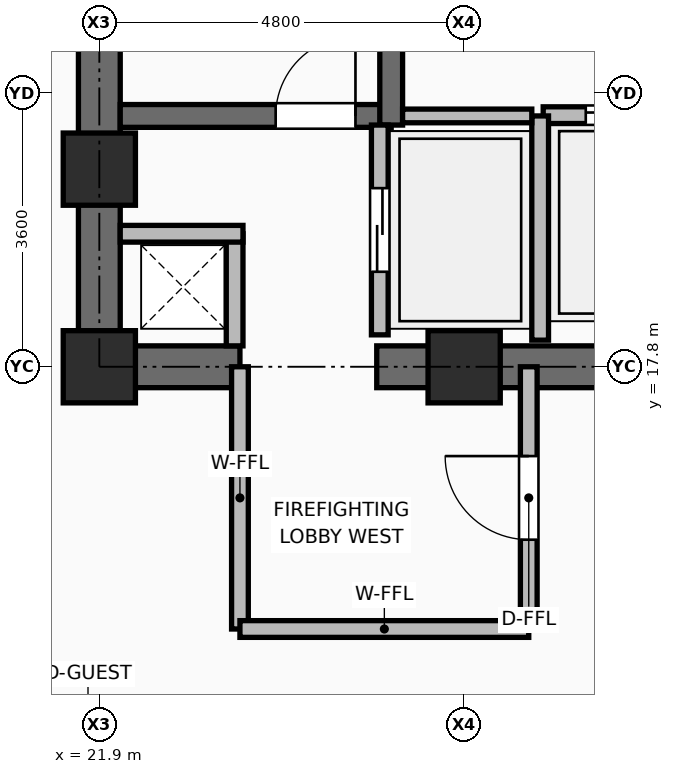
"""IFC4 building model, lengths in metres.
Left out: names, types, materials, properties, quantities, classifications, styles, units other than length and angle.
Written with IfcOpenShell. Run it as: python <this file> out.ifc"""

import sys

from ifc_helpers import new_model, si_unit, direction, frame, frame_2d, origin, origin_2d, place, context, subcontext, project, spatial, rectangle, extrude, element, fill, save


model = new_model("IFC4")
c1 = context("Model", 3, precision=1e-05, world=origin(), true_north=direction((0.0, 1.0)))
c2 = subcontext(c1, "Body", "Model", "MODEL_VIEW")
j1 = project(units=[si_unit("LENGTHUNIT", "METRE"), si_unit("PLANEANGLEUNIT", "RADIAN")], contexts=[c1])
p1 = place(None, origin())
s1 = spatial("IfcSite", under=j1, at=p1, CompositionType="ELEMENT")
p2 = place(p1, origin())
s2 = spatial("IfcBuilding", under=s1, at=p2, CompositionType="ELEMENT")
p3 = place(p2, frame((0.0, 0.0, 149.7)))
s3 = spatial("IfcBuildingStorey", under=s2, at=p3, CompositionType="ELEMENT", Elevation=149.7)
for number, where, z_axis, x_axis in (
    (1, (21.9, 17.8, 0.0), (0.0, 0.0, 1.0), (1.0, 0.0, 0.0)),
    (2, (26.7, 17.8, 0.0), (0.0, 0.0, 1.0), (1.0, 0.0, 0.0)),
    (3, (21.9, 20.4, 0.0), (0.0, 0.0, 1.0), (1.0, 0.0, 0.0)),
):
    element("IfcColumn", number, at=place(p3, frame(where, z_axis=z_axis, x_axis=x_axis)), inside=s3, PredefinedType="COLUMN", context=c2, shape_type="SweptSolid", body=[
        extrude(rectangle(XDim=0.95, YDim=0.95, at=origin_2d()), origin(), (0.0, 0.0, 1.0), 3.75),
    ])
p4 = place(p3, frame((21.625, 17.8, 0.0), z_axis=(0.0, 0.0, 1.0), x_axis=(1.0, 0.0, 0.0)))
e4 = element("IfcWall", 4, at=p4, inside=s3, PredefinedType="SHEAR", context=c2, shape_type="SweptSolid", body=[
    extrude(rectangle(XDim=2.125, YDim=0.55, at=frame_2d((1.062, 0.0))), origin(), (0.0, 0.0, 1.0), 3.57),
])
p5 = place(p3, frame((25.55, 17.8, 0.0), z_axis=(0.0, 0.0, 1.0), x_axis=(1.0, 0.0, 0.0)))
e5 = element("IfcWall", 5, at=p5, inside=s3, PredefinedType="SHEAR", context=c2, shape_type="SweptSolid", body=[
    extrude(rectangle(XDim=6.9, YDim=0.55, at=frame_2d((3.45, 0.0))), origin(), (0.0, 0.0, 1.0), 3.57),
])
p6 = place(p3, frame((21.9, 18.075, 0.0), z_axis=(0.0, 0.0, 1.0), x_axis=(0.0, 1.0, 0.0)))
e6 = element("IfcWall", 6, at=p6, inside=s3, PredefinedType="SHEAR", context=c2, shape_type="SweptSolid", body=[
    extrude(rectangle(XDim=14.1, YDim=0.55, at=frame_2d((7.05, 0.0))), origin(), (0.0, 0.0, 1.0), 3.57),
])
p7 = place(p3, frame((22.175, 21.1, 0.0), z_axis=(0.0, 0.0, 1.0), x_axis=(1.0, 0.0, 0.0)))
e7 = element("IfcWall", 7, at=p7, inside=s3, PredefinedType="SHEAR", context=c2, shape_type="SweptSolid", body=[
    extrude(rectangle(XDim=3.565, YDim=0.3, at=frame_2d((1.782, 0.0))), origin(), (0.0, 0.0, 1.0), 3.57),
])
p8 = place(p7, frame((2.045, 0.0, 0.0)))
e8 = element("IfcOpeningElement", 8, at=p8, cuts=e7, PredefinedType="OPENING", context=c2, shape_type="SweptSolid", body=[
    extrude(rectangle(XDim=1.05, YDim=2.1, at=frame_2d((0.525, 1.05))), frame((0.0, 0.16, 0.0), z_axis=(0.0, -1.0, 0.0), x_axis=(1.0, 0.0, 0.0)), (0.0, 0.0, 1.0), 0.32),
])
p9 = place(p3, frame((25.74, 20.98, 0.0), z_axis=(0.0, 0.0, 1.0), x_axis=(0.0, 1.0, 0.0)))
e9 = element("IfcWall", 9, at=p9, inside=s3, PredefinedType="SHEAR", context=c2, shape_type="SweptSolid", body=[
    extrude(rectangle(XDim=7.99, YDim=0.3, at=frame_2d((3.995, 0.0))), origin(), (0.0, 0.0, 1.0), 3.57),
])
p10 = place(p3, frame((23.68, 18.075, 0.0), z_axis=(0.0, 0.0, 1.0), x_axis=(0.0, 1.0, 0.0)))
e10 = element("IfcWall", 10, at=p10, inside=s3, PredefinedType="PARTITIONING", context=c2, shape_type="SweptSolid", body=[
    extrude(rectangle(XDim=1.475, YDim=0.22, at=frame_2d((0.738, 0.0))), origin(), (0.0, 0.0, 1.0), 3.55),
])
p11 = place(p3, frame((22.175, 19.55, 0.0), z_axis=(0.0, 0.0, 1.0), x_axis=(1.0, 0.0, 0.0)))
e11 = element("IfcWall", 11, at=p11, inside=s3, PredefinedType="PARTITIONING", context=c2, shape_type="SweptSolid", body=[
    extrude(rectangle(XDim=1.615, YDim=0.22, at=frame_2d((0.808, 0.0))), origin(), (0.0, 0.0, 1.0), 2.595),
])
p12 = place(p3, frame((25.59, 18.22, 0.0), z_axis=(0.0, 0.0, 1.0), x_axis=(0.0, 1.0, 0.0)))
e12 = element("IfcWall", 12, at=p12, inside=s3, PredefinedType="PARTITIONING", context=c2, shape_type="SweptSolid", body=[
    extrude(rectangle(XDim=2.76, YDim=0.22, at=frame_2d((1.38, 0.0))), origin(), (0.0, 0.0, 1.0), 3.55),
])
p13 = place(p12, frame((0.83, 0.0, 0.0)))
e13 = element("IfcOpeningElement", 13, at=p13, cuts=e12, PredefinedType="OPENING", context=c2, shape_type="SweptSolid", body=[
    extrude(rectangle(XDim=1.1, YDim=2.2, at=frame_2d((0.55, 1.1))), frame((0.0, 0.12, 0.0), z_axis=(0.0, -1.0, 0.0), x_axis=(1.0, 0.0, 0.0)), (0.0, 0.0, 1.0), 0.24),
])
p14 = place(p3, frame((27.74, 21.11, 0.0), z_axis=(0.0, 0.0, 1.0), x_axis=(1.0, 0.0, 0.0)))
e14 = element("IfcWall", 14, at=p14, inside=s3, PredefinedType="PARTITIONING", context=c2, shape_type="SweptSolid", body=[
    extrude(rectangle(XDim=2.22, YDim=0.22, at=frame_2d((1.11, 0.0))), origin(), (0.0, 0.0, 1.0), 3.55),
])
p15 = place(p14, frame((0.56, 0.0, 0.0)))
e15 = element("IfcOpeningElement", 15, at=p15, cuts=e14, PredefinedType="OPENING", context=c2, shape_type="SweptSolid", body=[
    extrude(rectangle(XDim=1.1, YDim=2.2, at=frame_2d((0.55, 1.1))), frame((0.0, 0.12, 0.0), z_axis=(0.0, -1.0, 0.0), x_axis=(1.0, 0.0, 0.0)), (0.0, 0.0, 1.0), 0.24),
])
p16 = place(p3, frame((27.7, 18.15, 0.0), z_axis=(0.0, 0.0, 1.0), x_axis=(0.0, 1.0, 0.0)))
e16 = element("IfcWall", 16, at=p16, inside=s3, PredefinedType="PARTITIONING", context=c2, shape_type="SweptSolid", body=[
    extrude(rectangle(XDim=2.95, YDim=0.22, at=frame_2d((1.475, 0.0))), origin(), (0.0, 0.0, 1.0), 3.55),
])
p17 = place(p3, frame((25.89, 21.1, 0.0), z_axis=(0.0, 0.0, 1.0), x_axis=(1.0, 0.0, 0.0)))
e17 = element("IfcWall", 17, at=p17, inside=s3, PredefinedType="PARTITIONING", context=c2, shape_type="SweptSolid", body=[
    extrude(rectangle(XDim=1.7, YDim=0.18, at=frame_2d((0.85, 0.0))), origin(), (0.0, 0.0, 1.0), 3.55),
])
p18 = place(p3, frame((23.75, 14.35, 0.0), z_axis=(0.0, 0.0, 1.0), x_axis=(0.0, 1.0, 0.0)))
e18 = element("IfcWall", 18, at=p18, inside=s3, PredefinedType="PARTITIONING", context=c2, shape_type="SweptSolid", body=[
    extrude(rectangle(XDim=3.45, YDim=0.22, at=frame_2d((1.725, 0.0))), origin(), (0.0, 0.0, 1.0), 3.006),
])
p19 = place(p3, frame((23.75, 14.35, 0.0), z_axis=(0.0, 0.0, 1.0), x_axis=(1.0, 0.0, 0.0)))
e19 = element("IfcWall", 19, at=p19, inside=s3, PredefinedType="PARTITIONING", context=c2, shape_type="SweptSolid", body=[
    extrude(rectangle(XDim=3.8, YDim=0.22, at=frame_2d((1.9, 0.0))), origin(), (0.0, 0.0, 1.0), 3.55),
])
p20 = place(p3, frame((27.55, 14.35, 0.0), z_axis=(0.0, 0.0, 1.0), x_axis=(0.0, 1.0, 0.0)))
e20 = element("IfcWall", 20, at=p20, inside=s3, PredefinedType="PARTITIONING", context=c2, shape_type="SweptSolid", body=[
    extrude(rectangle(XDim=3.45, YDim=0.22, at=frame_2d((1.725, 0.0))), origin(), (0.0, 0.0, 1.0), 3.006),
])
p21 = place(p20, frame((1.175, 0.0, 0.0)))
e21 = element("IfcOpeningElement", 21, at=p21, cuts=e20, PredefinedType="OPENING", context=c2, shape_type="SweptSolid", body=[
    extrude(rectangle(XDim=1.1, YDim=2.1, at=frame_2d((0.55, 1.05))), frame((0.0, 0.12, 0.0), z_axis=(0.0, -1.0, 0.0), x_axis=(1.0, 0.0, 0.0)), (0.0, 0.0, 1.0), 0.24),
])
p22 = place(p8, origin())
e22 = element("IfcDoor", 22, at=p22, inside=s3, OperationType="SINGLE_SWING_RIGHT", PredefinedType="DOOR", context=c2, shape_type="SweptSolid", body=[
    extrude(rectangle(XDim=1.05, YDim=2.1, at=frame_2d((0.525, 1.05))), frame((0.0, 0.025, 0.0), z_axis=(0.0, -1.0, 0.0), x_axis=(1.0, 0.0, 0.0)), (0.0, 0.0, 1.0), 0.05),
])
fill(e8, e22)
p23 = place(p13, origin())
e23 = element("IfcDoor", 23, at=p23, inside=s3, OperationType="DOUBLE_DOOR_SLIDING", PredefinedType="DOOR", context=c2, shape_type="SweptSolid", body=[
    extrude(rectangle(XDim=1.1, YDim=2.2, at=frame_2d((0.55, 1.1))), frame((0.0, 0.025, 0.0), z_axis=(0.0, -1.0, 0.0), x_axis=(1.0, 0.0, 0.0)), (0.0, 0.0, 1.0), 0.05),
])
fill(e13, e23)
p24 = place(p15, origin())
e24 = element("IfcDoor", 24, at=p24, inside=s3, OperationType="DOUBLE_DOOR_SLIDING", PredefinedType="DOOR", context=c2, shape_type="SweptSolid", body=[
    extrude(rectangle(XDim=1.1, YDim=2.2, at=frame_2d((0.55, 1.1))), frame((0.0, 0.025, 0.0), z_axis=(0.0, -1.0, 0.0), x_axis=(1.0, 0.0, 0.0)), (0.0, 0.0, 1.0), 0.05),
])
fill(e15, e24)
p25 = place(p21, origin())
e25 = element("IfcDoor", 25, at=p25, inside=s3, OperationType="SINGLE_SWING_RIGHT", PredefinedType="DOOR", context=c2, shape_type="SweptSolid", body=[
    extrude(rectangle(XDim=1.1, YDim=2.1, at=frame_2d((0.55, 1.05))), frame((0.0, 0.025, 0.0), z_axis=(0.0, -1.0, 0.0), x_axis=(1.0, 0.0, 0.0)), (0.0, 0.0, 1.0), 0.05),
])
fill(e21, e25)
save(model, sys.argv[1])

WORK INSTRUCTION — How many lines in the listing above contain the string "DOOR"? Answer with the number only.

EXERCISE OUTPUT — 4